**TASK DESCRIPTION**
Check every line of the data below for the word "CompositionType". Copy the ones that have it.

**SUPPLIED ENTRIES**
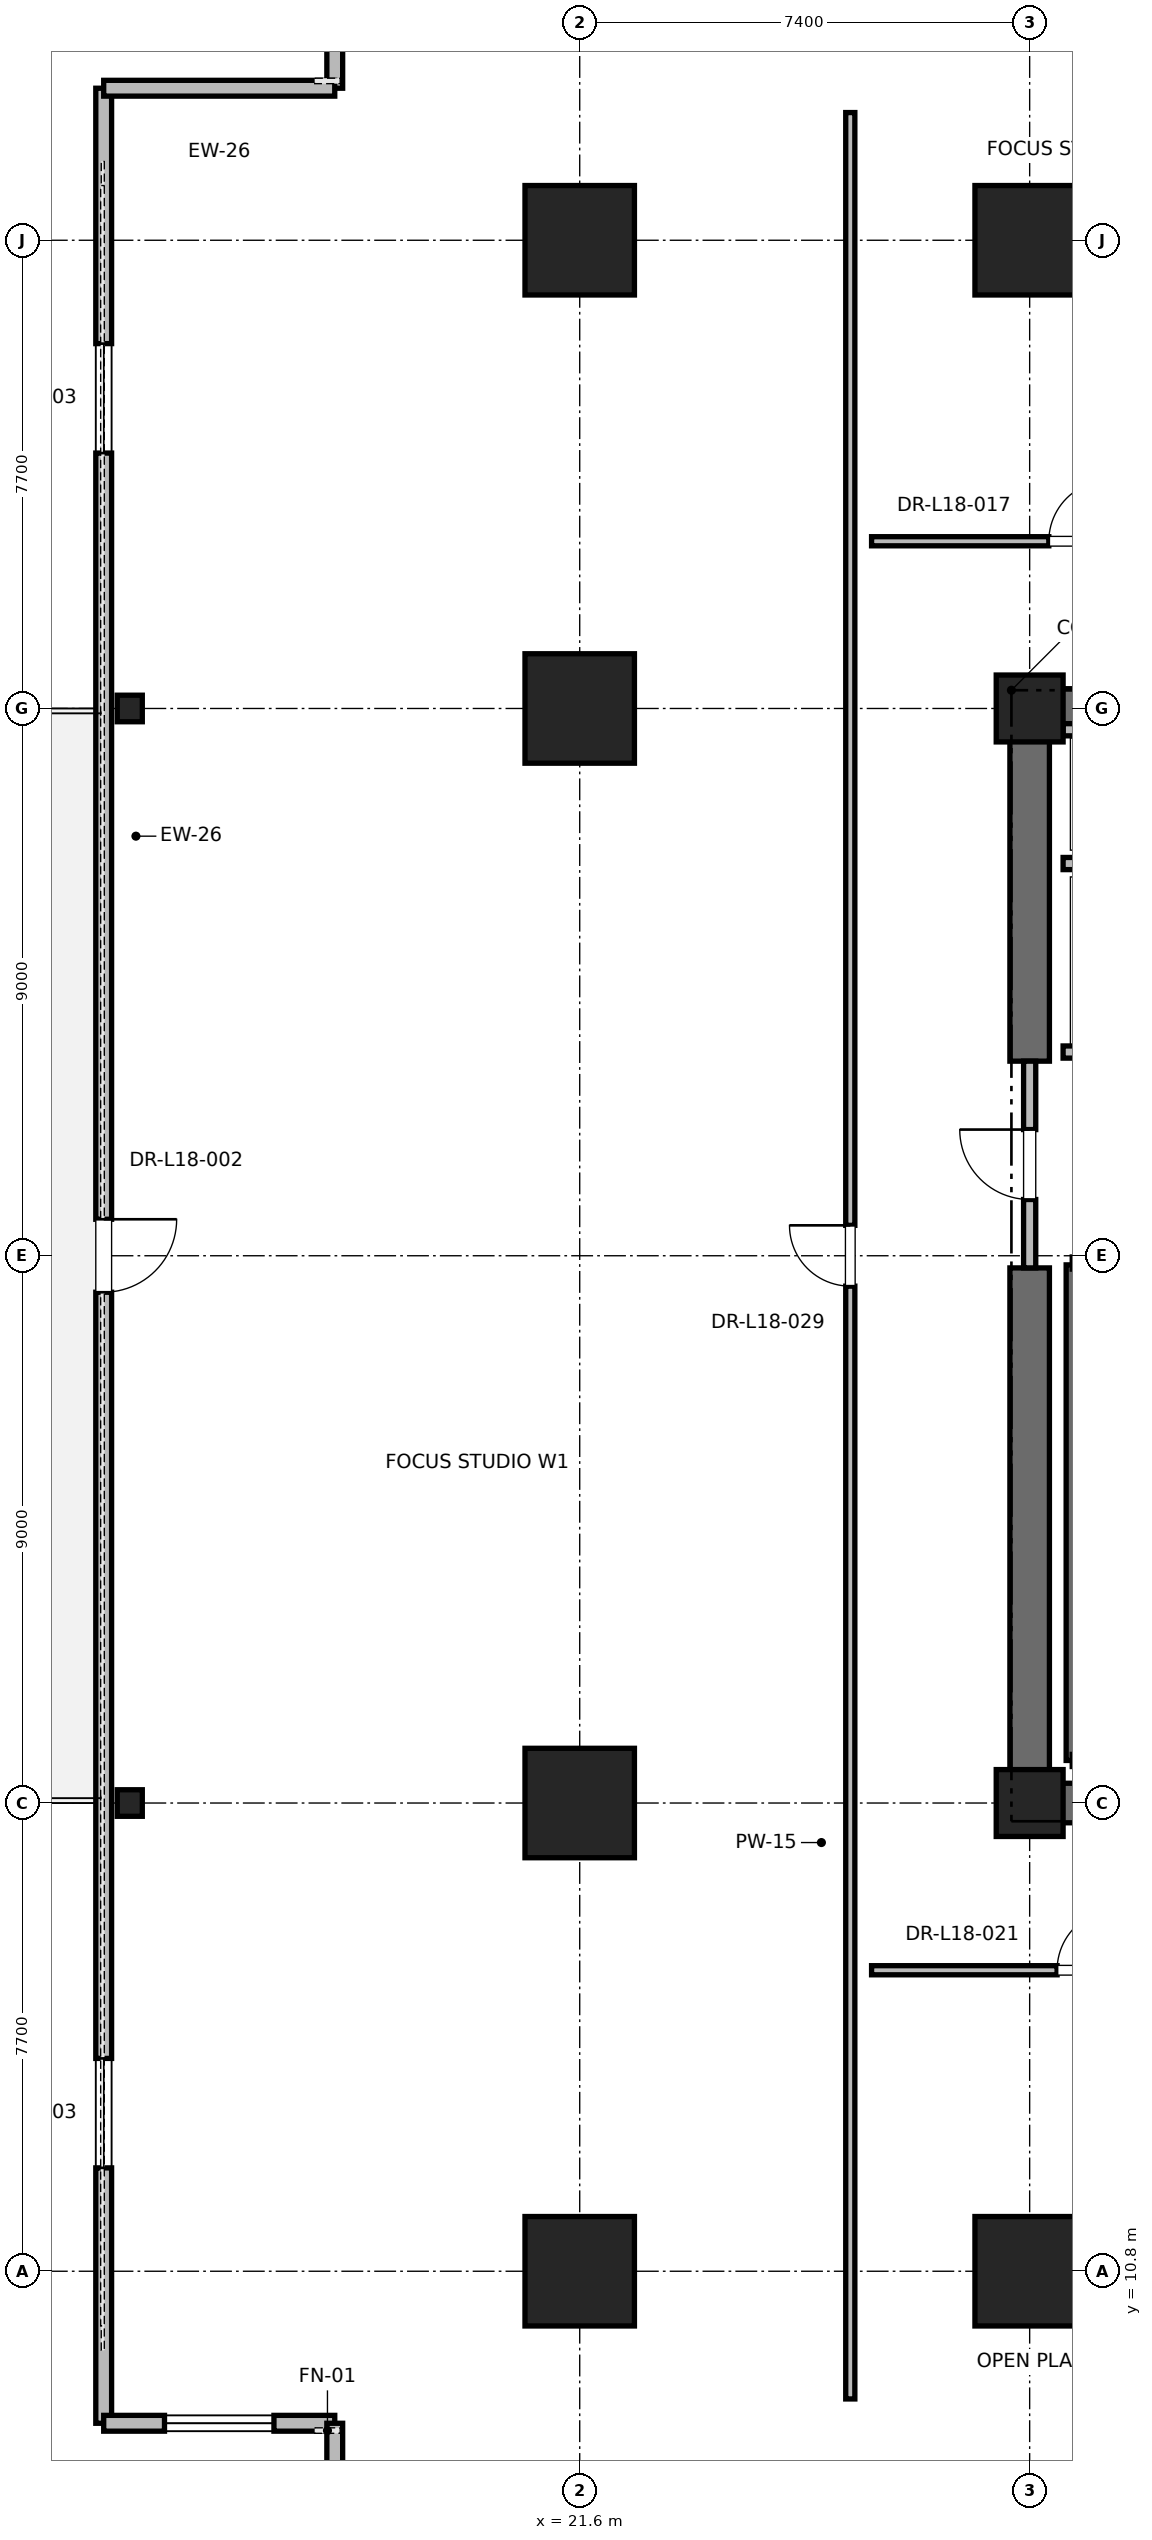
"""IFC4 building model, lengths in metres.
Left out: names, types, materials, properties, quantities, classifications, styles, units other than length and angle.
Written with IfcOpenShell. Run it as: python <this file> out.ifc"""

import sys

from ifc_helpers import new_model, si_unit, direction, frame, frame_2d, origin, origin_2d, place, context, subcontext, project, spatial, rectangle, i_section, extrude, element, fill, save


model = new_model("IFC4")
c1 = context("Model", 3, precision=1e-05, world=origin(), true_north=direction((0.0, 1.0)))
c2 = subcontext(c1, "Body", "Model", "MODEL_VIEW")
j1 = project(units=[si_unit("LENGTHUNIT", "METRE"), si_unit("PLANEANGLEUNIT", "RADIAN")], contexts=[c1])
p1 = place(None, origin())
s1 = spatial("IfcSite", under=j1, at=p1, CompositionType="ELEMENT")
p2 = place(p1, origin())
s2 = spatial("IfcBuilding", under=s1, at=p2, CompositionType="ELEMENT")
p3 = place(p2, frame((0.0, 0.0, 79.6)))
s3 = spatial("IfcBuildingStorey", under=s2, at=p3, CompositionType="ELEMENT", Elevation=79.6)
for number, where, z_axis, x_axis in (
    (1, (29.0, 10.8, 0.0), (0.0, 0.0, 1.0), (1.0, 0.0, 0.0)),
    (2, (29.0, 44.2, 0.0), (0.0, 0.0, 1.0), (1.0, 0.0, 0.0)),
    (3, (21.6, 18.5, 0.0), (0.0, 0.0, 1.0), (1.0, 0.0, 0.0)),
    (4, (21.6, 36.5, 0.0), (0.0, 0.0, 1.0), (1.0, 0.0, 0.0)),
    (5, (21.6, 10.8, 0.0), (0.0, 0.0, 1.0), (1.0, 0.0, 0.0)),
    (6, (21.6, 44.2, 0.0), (0.0, 0.0, 1.0), (1.0, 0.0, 0.0)),
):
    element("IfcColumn", number, at=place(p3, frame(where, z_axis=z_axis, x_axis=x_axis)), inside=s3, PredefinedType="COLUMN", context=c2, shape_type="SweptSolid", body=[
        extrude(rectangle(XDim=1.8, YDim=1.8, at=origin_2d()), origin(), (0.0, 0.0, 1.0), 4.0),
    ])
for number, where, z_axis, x_axis in (
    (7, (14.2, 18.5, 0.0), (0.0, 0.0, 1.0), (1.0, 0.0, 0.0)),
    (8, (14.2, 36.5, 0.0), (0.0, 0.0, 1.0), (1.0, 0.0, 0.0)),
):
    element("IfcColumn", number, at=place(p3, frame(where, z_axis=z_axis, x_axis=x_axis)), inside=s3, PredefinedType="COLUMN", context=c2, shape_type="SweptSolid", body=[
        extrude(i_section(OverallWidth=0.412, OverallDepth=0.437, WebThickness=0.036, FlangeThickness=0.058, FilletRadius=0.015, at=origin_2d()), origin(), (0.0, 0.0, 1.0), 4.0),
    ])
for number, where, z_axis, x_axis in (
    (9, (29.0, 18.5, 0.0), (0.0, 0.0, 1.0), (1.0, 0.0, 0.0)),
    (10, (29.0, 36.5, 0.0), (0.0, 0.0, 1.0), (1.0, 0.0, 0.0)),
):
    element("IfcColumn", number, at=place(p3, frame(where, z_axis=z_axis, x_axis=x_axis)), inside=s3, PredefinedType="PILASTER", context=c2, shape_type="SweptSolid", body=[
        extrude(rectangle(XDim=1.1, YDim=1.1, at=origin_2d()), origin(), (0.0, 0.0, 1.0), 4.0),
    ])
p4 = place(p3, frame((29.0, 18.5, 0.0), z_axis=(0.0, 0.0, 1.0), x_axis=(1.0, 0.0, 0.0)))
e11 = element("IfcWall", 11, at=p4, inside=s3, PredefinedType="SHEAR", context=c2, shape_type="SweptSolid", body=[
    extrude(rectangle(XDim=9.2, YDim=0.65, at=frame_2d((4.6, 0.0))), origin(), (0.0, 0.0, 1.0), 3.76),
])
p5 = place(p3, frame((29.0, 36.5, 0.0), z_axis=(0.0, 0.0, 1.0), x_axis=(1.0, 0.0, 0.0)))
e12 = element("IfcWall", 12, at=p5, inside=s3, PredefinedType="SHEAR", context=c2, shape_type="SweptSolid", body=[
    extrude(rectangle(XDim=5.8, YDim=0.65, at=frame_2d((2.9, 0.0))), origin(), (0.0, 0.0, 1.0), 3.76),
])
p6 = place(p3, frame((29.0, 18.5, 0.0), z_axis=(0.0, 0.0, 1.0), x_axis=(0.0, 1.0, 0.0)))
e13 = element("IfcWall", 13, at=p6, inside=s3, PredefinedType="SHEAR", context=c2, shape_type="SweptSolid", body=[
    extrude(rectangle(XDim=8.8, YDim=0.65, at=frame_2d((4.4, 0.0))), origin(), (0.0, 0.0, 1.0), 3.76),
])
p7 = place(p3, frame((29.0, 30.7, 0.0), z_axis=(0.0, 0.0, 1.0), x_axis=(0.0, 1.0, 0.0)))
e14 = element("IfcWall", 14, at=p7, inside=s3, PredefinedType="SHEAR", context=c2, shape_type="SweptSolid", body=[
    extrude(rectangle(XDim=5.8, YDim=0.65, at=frame_2d((2.9, 0.0))), origin(), (0.0, 0.0, 1.0), 3.76),
])
p8 = place(p3, frame((13.771, 46.7, 0.0), z_axis=(0.0, 0.0, 1.0), x_axis=(0.0, -1.0, 0.0)))
e15 = element("IfcWall", 15, at=p8, inside=s3, PredefinedType="PARAPET", context=c2, shape_type="SweptSolid", body=[
    extrude(rectangle(XDim=38.4, YDim=0.26, at=frame_2d((19.2, 0.0))), origin(), (0.0, 0.0, 1.0), 2.889),
])
p9 = place(p8, frame((4.2, 0.0, 0.85)))
e16 = element("IfcOpeningElement", 16, at=p9, cuts=e15, PredefinedType="OPENING", context=c2, shape_type="SweptSolid", body=[
    extrude(rectangle(XDim=1.8, YDim=2.2, at=frame_2d((0.9, 1.1))), frame((0.0, 0.13, 0.0), z_axis=(0.0, -1.0, 0.0), x_axis=(1.0, 0.0, 0.0)), (0.0, 0.0, 1.0), 0.26),
])
p10 = place(p8, frame((18.6, 0.0, 0.0)))
e17 = element("IfcOpeningElement", 17, at=p10, cuts=e15, PredefinedType="OPENING", context=c2, shape_type="SweptSolid", body=[
    extrude(rectangle(XDim=1.2, YDim=2.2, at=frame_2d((0.6, 1.1))), frame((0.0, 0.13, 0.0), z_axis=(0.0, -1.0, 0.0), x_axis=(1.0, 0.0, 0.0)), (0.0, 0.0, 1.0), 0.26),
])
p11 = place(p8, frame((32.4, 0.0, 0.85)))
e18 = element("IfcOpeningElement", 18, at=p11, cuts=e15, PredefinedType="OPENING", context=c2, shape_type="SweptSolid", body=[
    extrude(rectangle(XDim=1.8, YDim=2.2, at=frame_2d((0.9, 1.1))), frame((0.0, 0.13, 0.0), z_axis=(0.0, -1.0, 0.0), x_axis=(1.0, 0.0, 0.0)), (0.0, 0.0, 1.0), 0.26),
])
p12 = place(p3, frame((13.771, 8.3, 0.0), z_axis=(0.0, 0.0, 1.0), x_axis=(1.0, 0.0, 0.0)))
e19 = element("IfcWall", 19, at=p12, inside=s3, PredefinedType="PARAPET", context=c2, shape_type="SweptSolid", body=[
    extrude(rectangle(XDim=3.8, YDim=0.26, at=frame_2d((1.9, 0.0))), origin(), (0.0, 0.0, 1.0), 3.76),
])
p13 = place(p12, frame((1.0, 0.0, 0.85)))
e20 = element("IfcOpeningElement", 20, at=p13, cuts=e19, PredefinedType="OPENING", context=c2, shape_type="SweptSolid", body=[
    extrude(rectangle(XDim=1.8, YDim=2.2, at=frame_2d((0.9, 1.1))), frame((0.0, 0.13, 0.0), z_axis=(0.0, -1.0, 0.0), x_axis=(1.0, 0.0, 0.0)), (0.0, 0.0, 1.0), 0.26),
])
p14 = place(p3, frame((17.571, 8.3, 0.0), z_axis=(0.0, 0.0, 1.0), x_axis=(0.0, -1.0, 0.0)))
e21 = element("IfcWall", 21, at=p14, inside=s3, PredefinedType="PARAPET", context=c2, shape_type="SweptSolid", body=[
    extrude(rectangle(XDim=3.4, YDim=0.26, at=frame_2d((1.7, 0.0))), origin(), (0.0, 0.0, 1.0), 3.76),
])
p15 = place(p3, frame((17.571, 50.1, 0.0), z_axis=(0.0, 0.0, 1.0), x_axis=(0.0, -1.0, 0.0)))
e22 = element("IfcWall", 22, at=p15, inside=s3, PredefinedType="PARAPET", context=c2, shape_type="SweptSolid", body=[
    extrude(rectangle(XDim=3.4, YDim=0.26, at=frame_2d((1.7, 0.0))), origin(), (0.0, 0.0, 1.0), 3.76),
])
p16 = place(p15, frame((0.8, 0.0, 0.85)))
e23 = element("IfcOpeningElement", 23, at=p16, cuts=e22, PredefinedType="OPENING", context=c2, shape_type="SweptSolid", body=[
    extrude(rectangle(XDim=1.8, YDim=2.2, at=frame_2d((0.9, 1.1))), frame((0.0, 0.13, 0.0), z_axis=(0.0, -1.0, 0.0), x_axis=(1.0, 0.0, 0.0)), (0.0, 0.0, 1.0), 0.26),
])
p17 = place(p3, frame((17.571, 46.7, 0.0), z_axis=(0.0, 0.0, 1.0), x_axis=(-1.0, 0.0, 0.0)))
e24 = element("IfcWall", 24, at=p17, inside=s3, PredefinedType="PARAPET", context=c2, shape_type="SweptSolid", body=[
    extrude(rectangle(XDim=3.8, YDim=0.26, at=frame_2d((1.9, 0.0))), origin(), (0.0, 0.0, 1.0), 3.76),
])
p18 = place(p3, frame((29.7, 19.2, 0.0), z_axis=(0.0, 0.0, 1.0), x_axis=(0.0, 1.0, 0.0)))
e25 = element("IfcWall", 25, at=p18, inside=s3, PredefinedType="SOLIDWALL", context=c2, shape_type="SweptSolid", body=[
    extrude(rectangle(XDim=8.15, YDim=0.2, at=frame_2d((4.075, 0.0))), origin(), (0.0, 0.0, 1.0), 3.76),
])
p19 = place(p3, frame((29.0, 27.3, 0.0), z_axis=(0.0, 0.0, 1.0), x_axis=(0.0, 1.0, 0.0)))
e26 = element("IfcWall", 26, at=p19, inside=s3, PredefinedType="PARTITIONING", context=c2, shape_type="SweptSolid", body=[
    extrude(rectangle(XDim=3.4, YDim=0.2, at=frame_2d((1.7, 0.0))), origin(), (0.0, 0.0, 1.0), 2.54),
])
p20 = place(p19, frame((1.125, 0.0, 0.0)))
e27 = element("IfcOpeningElement", 27, at=p20, cuts=e26, PredefinedType="OPENING", context=c2, shape_type="SweptSolid", body=[
    extrude(rectangle(XDim=1.15, YDim=2.2, at=frame_2d((0.575, 1.1))), frame((0.0, 0.1, 0.0), z_axis=(0.0, -1.0, 0.0), x_axis=(1.0, 0.0, 0.0)), (0.0, 0.0, 1.0), 0.2),
])
p21 = place(p3, frame((29.55, 30.85, 0.0), z_axis=(0.0, 0.0, 1.0), x_axis=(1.0, 0.0, 0.0)))
e28 = element("IfcWall", 28, at=p21, inside=s3, PredefinedType="SOLIDWALL", context=c2, shape_type="SweptSolid", body=[
    extrude(rectangle(XDim=2.6, YDim=0.2, at=frame_2d((1.3, 0.0))), origin(), (0.0, 0.0, 1.0), 2.54),
])
p22 = place(p21, frame((0.75, 0.0, 0.0)))
e29 = element("IfcOpeningElement", 29, at=p22, cuts=e28, PredefinedType="OPENING", context=c2, shape_type="SweptSolid", body=[
    extrude(rectangle(XDim=1.1, YDim=2.2, at=frame_2d((0.55, 1.1))), frame((0.0, 0.1, 0.0), z_axis=(0.0, -1.0, 0.0), x_axis=(1.0, 0.0, 0.0)), (0.0, 0.0, 1.0), 0.2),
])
p23 = place(p3, frame((29.55, 33.95, 0.0), z_axis=(0.0, 0.0, 1.0), x_axis=(1.0, 0.0, 0.0)))
e30 = element("IfcWall", 30, at=p23, inside=s3, PredefinedType="SOLIDWALL", context=c2, shape_type="SweptSolid", body=[
    extrude(rectangle(XDim=2.8, YDim=0.2, at=frame_2d((1.4, 0.0))), origin(), (0.0, 0.0, 1.0), 3.76),
])
p24 = place(p3, frame((32.35, 36.15, 0.0), z_axis=(0.0, 0.0, 1.0), x_axis=(-1.0, 0.0, 0.0)))
e31 = element("IfcWall", 31, at=p24, inside=s3, PredefinedType="SOLIDWALL", context=c2, shape_type="SweptSolid", body=[
    extrude(rectangle(XDim=2.8, YDim=0.2, at=frame_2d((1.4, 0.0))), origin(), (0.0, 0.0, 1.0), 2.889),
])
p25 = place(p3, frame((26.4, 39.25, 0.0), z_axis=(0.0, 0.0, 1.0), x_axis=(1.0, 0.0, 0.0)))
e32 = element("IfcWall", 32, at=p25, inside=s3, PredefinedType="PARTITIONING", context=c2, shape_type="SweptSolid", body=[
    extrude(rectangle(XDim=6.8, YDim=0.15, at=frame_2d((3.4, 0.0))), origin(), (0.0, 0.0, 1.0), 2.85),
])
p26 = place(p25, frame((2.915, 0.0, 0.0)))
e33 = element("IfcOpeningElement", 33, at=p26, cuts=e32, PredefinedType="OPENING", context=c2, shape_type="SweptSolid", body=[
    extrude(rectangle(XDim=1.0, YDim=2.15, at=frame_2d((0.5, 1.075))), frame((0.0, 0.075, 0.0), z_axis=(0.0, -1.0, 0.0), x_axis=(1.0, 0.0, 0.0)), (0.0, 0.0, 1.0), 0.15),
])
p27 = place(p3, frame((26.4, 15.75, 0.0), z_axis=(0.0, 0.0, 1.0), x_axis=(1.0, 0.0, 0.0)))
e34 = element("IfcWall", 34, at=p27, inside=s3, PredefinedType="PARTITIONING", context=c2, shape_type="SweptSolid", body=[
    extrude(rectangle(XDim=7.072, YDim=0.15, at=frame_2d((3.536, 0.0))), origin(), (0.0, 0.0, 1.0), 2.85),
])
p28 = place(p27, frame((3.051, 0.0, 0.0)))
e35 = element("IfcOpeningElement", 35, at=p28, cuts=e34, PredefinedType="OPENING", context=c2, shape_type="SweptSolid", body=[
    extrude(rectangle(XDim=1.0, YDim=2.15, at=frame_2d((0.5, 1.075))), frame((0.0, 0.075, 0.0), z_axis=(0.0, -1.0, 0.0), x_axis=(1.0, 0.0, 0.0)), (0.0, 0.0, 1.0), 0.15),
])
p29 = place(p3, frame((26.05, 8.7, 0.0), z_axis=(0.0, 0.0, 1.0), x_axis=(0.0, 1.0, 0.0)))
e36 = element("IfcWall", 36, at=p29, inside=s3, PredefinedType="PARTITIONING", context=c2, shape_type="SweptSolid", body=[
    extrude(rectangle(XDim=37.6, YDim=0.15, at=frame_2d((18.8, 0.0))), origin(), (0.0, 0.0, 1.0), 2.85),
])
p30 = place(p29, frame((18.3, 0.0, 0.0)))
e37 = element("IfcOpeningElement", 37, at=p30, cuts=e36, PredefinedType="OPENING", context=c2, shape_type="SweptSolid", body=[
    extrude(rectangle(XDim=1.0, YDim=2.15, at=frame_2d((0.5, 1.075))), frame((0.0, 0.075, 0.0), z_axis=(0.0, -1.0, 0.0), x_axis=(1.0, 0.0, 0.0)), (0.0, 0.0, 1.0), 0.15),
])
p31 = place(p9, origin())
e38 = element("IfcWindow", 38, at=p31, inside=s3, PartitioningType="SINGLE_PANEL", PredefinedType="WINDOW", context=c2, shape_type="SweptSolid", body=[
    extrude(rectangle(XDim=1.8, YDim=2.2, at=frame_2d((0.9, 1.1))), frame((0.0, 0.03, 0.0), z_axis=(0.0, -1.0, 0.0), x_axis=(1.0, 0.0, 0.0)), (0.0, 0.0, 1.0), 0.06),
])
fill(e16, e38)
p32 = place(p10, origin())
e39 = element("IfcDoor", 39, at=p32, inside=s3, OperationType="SINGLE_SWING_LEFT", PredefinedType="DOOR", context=c2, shape_type="SweptSolid", body=[
    extrude(rectangle(XDim=1.2, YDim=2.2, at=frame_2d((0.6, 1.1))), frame((0.0, 0.025, 0.0), z_axis=(0.0, -1.0, 0.0), x_axis=(1.0, 0.0, 0.0)), (0.0, 0.0, 1.0), 0.05),
])
fill(e17, e39)
p33 = place(p11, origin())
e40 = element("IfcWindow", 40, at=p33, inside=s3, PartitioningType="SINGLE_PANEL", PredefinedType="WINDOW", context=c2, shape_type="SweptSolid", body=[
    extrude(rectangle(XDim=1.8, YDim=2.2, at=frame_2d((0.9, 1.1))), frame((0.0, 0.03, 0.0), z_axis=(0.0, -1.0, 0.0), x_axis=(1.0, 0.0, 0.0)), (0.0, 0.0, 1.0), 0.06),
])
fill(e18, e40)
p34 = place(p13, origin())
e41 = element("IfcWindow", 41, at=p34, inside=s3, PartitioningType="SINGLE_PANEL", PredefinedType="WINDOW", context=c2, shape_type="SweptSolid", body=[
    extrude(rectangle(XDim=1.8, YDim=2.2, at=frame_2d((0.9, 1.1))), frame((0.0, 0.03, 0.0), z_axis=(0.0, -1.0, 0.0), x_axis=(1.0, 0.0, 0.0)), (0.0, 0.0, 1.0), 0.06),
])
fill(e20, e41)
p35 = place(p20, origin())
e42 = element("IfcDoor", 42, at=p35, inside=s3, OperationType="SINGLE_SWING_RIGHT", PredefinedType="DOOR", context=c2, shape_type="SweptSolid", body=[
    extrude(rectangle(XDim=1.15, YDim=2.2, at=frame_2d((0.575, 1.1))), frame((0.0, 0.025, 0.0), z_axis=(0.0, -1.0, 0.0), x_axis=(1.0, 0.0, 0.0)), (0.0, 0.0, 1.0), 0.05),
])
fill(e27, e42)
p36 = place(p26, origin())
e43 = element("IfcDoor", 43, at=p36, inside=s3, OperationType="SINGLE_SWING_RIGHT", PredefinedType="DOOR", context=c2, shape_type="SweptSolid", body=[
    extrude(rectangle(XDim=1.0, YDim=2.15, at=frame_2d((0.5, 1.075))), frame((0.0, 0.025, 0.0), z_axis=(0.0, -1.0, 0.0), x_axis=(1.0, 0.0, 0.0)), (0.0, 0.0, 1.0), 0.05),
])
fill(e33, e43)
p37 = place(p28, origin())
e44 = element("IfcDoor", 44, at=p37, inside=s3, OperationType="SINGLE_SWING_RIGHT", PredefinedType="DOOR", context=c2, shape_type="SweptSolid", body=[
    extrude(rectangle(XDim=1.0, YDim=2.15, at=frame_2d((0.5, 1.075))), frame((0.0, 0.025, 0.0), z_axis=(0.0, -1.0, 0.0), x_axis=(1.0, 0.0, 0.0)), (0.0, 0.0, 1.0), 0.05),
])
fill(e35, e44)
p38 = place(p30, origin())
e45 = element("IfcDoor", 45, at=p38, inside=s3, OperationType="SINGLE_SWING_RIGHT", PredefinedType="DOOR", context=c2, shape_type="SweptSolid", body=[
    extrude(rectangle(XDim=1.0, YDim=2.15, at=frame_2d((0.5, 1.075))), frame((0.0, 0.025, 0.0), z_axis=(0.0, -1.0, 0.0), x_axis=(1.0, 0.0, 0.0)), (0.0, 0.0, 1.0), 0.05),
])
fill(e37, e45)
save(model, sys.argv[1])

**EXPECTED OUTPUT**
s1 = spatial("IfcSite", under=j1, at=p1, CompositionType="ELEMENT")
s2 = spatial("IfcBuilding", under=s1, at=p2, CompositionType="ELEMENT")
s3 = spatial("IfcBuildingStorey", under=s2, at=p3, CompositionType="ELEMENT", Elevation=79.6)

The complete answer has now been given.